#### INPUT FOR THIS TASK:
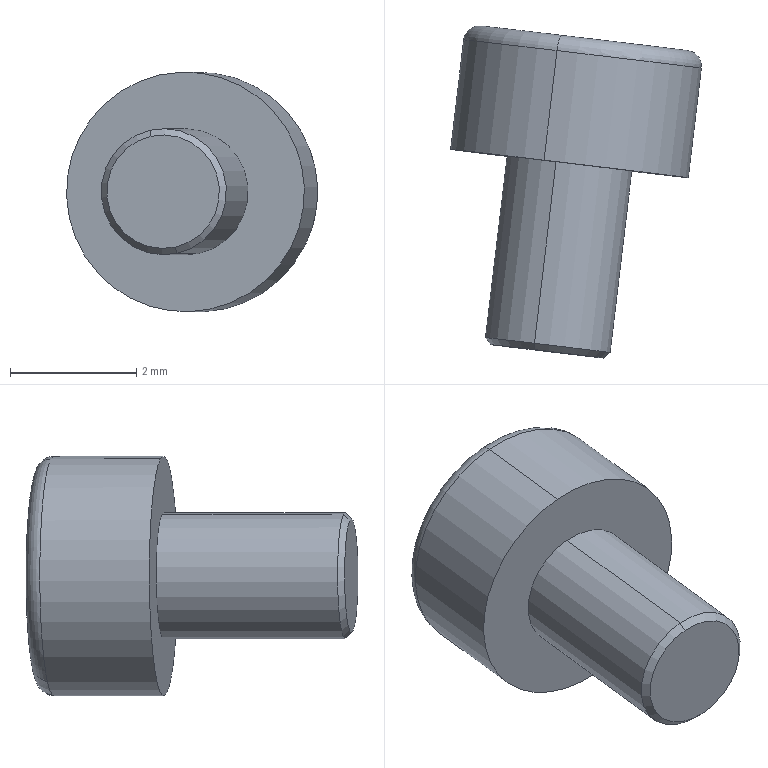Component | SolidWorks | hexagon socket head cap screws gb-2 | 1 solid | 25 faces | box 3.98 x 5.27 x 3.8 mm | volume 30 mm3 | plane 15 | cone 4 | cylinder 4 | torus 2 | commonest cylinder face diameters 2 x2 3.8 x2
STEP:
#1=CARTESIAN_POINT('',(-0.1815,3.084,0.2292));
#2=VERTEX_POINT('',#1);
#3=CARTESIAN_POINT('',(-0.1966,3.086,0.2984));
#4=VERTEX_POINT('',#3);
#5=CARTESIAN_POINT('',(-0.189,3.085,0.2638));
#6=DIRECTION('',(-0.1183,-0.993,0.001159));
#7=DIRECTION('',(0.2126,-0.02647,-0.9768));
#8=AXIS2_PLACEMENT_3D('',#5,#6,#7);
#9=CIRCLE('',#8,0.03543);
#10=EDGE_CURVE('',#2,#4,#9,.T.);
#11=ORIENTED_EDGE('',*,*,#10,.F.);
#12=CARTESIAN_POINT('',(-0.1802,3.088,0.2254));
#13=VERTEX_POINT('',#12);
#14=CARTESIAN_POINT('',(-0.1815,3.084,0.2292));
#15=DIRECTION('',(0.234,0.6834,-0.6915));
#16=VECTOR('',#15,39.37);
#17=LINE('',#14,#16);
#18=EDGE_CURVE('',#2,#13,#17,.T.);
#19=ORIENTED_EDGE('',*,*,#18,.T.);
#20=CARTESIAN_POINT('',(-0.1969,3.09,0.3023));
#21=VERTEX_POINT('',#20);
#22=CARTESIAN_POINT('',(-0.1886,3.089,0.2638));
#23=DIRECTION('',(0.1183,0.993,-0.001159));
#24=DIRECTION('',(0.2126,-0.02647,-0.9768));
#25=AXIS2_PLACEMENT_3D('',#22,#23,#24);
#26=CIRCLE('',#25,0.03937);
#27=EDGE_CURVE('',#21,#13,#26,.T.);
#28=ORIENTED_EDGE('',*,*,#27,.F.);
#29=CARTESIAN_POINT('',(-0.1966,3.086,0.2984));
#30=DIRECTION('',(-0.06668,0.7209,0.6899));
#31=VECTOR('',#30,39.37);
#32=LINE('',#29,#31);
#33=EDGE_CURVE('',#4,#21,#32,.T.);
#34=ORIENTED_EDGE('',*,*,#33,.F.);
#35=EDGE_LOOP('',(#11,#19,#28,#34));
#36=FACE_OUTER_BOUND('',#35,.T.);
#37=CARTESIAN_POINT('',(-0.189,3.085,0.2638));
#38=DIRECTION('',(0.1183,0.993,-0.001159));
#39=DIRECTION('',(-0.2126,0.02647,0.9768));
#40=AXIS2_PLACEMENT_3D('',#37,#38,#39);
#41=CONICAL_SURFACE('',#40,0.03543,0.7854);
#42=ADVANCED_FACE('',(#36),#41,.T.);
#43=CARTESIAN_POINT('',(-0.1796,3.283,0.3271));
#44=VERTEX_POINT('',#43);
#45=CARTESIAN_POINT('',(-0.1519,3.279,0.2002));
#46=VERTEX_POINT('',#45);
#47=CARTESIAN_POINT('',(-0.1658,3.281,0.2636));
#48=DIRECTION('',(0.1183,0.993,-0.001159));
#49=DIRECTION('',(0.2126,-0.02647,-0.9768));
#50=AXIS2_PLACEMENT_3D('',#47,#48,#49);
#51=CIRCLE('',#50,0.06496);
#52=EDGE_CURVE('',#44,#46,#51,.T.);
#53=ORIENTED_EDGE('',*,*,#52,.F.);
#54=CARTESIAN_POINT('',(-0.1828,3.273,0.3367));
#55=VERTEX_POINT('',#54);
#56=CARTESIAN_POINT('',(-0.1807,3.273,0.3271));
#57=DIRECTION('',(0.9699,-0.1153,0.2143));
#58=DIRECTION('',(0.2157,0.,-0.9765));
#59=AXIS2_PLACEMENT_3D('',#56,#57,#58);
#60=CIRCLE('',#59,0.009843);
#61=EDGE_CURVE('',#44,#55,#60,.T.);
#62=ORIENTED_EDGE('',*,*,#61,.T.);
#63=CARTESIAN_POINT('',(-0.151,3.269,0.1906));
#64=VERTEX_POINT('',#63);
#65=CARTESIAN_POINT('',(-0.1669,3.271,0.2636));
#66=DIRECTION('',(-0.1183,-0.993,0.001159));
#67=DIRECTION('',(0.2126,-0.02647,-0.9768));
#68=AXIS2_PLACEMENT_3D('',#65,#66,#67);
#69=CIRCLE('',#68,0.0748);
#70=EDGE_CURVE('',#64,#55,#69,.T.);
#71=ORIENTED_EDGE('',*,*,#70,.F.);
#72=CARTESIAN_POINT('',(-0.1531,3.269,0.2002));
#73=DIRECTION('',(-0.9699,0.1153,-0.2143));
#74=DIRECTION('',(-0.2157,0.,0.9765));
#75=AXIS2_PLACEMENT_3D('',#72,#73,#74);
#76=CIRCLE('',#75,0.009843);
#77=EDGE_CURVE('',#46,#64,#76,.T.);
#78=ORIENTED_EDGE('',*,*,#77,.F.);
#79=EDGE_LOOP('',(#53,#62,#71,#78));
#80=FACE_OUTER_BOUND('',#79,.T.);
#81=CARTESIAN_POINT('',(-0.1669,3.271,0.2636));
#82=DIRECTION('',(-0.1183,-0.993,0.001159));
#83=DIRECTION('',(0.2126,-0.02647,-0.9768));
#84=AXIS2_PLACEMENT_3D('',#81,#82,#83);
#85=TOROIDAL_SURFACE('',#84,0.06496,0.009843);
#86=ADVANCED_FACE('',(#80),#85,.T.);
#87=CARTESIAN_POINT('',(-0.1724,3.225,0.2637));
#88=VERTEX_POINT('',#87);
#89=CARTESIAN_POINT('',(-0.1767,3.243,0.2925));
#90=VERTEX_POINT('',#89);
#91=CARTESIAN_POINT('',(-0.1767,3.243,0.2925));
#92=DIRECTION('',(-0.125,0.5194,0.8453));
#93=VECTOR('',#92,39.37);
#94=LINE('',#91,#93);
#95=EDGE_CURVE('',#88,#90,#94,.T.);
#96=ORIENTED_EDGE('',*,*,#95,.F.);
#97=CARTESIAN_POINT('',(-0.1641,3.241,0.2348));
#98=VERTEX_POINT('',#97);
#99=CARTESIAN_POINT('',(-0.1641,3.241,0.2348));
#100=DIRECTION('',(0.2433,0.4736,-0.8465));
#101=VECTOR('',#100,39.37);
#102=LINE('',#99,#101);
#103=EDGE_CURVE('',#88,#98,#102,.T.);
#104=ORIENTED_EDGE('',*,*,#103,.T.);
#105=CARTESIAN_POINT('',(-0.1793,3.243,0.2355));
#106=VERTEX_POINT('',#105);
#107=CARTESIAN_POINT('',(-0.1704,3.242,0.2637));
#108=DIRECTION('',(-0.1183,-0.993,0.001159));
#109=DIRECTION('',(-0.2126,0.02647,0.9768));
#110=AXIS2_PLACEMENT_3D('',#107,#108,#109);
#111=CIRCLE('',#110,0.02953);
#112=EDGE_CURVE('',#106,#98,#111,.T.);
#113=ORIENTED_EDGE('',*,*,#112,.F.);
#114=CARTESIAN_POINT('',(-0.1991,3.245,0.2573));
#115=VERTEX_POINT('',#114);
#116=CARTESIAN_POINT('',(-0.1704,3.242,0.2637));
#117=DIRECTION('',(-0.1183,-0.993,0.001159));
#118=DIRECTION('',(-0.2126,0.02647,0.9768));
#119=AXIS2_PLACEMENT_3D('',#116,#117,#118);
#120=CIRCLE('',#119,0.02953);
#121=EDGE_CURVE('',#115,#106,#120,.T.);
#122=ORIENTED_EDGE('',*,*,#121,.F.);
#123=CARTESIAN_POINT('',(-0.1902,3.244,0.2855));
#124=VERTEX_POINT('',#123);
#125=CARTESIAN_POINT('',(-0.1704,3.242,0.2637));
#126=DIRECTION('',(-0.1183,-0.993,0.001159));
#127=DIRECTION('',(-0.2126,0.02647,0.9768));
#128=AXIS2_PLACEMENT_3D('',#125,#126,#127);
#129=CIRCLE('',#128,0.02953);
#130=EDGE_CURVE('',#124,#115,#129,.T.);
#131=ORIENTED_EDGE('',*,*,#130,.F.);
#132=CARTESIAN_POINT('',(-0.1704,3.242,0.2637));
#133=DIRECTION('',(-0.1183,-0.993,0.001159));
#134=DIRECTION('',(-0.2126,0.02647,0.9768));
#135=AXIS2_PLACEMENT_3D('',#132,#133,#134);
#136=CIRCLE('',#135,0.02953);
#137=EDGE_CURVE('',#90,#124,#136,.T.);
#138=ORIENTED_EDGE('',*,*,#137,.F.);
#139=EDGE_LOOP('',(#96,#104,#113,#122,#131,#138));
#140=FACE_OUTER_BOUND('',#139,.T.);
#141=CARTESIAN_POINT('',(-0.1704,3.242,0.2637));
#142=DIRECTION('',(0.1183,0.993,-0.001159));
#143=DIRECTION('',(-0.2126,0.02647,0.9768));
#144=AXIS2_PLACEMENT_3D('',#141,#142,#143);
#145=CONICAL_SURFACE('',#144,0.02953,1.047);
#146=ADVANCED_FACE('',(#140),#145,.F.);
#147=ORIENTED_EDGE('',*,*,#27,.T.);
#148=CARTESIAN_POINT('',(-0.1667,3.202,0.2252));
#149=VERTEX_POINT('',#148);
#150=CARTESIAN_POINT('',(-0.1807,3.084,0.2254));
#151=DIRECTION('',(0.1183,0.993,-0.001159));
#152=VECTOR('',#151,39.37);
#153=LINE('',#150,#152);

#### PROBLEM:
Only lines holding the word "CIRCLE" belong in the answer; copy each one from the material.

#### EXPECTED ANSWER:
#9=CIRCLE('',#8,0.03543);
#26=CIRCLE('',#25,0.03937);
#51=CIRCLE('',#50,0.06496);
#60=CIRCLE('',#59,0.009843);
#69=CIRCLE('',#68,0.0748);
#76=CIRCLE('',#75,0.009843);
#111=CIRCLE('',#110,0.02953);
#120=CIRCLE('',#119,0.02953);
#129=CIRCLE('',#128,0.02953);
#136=CIRCLE('',#135,0.02953);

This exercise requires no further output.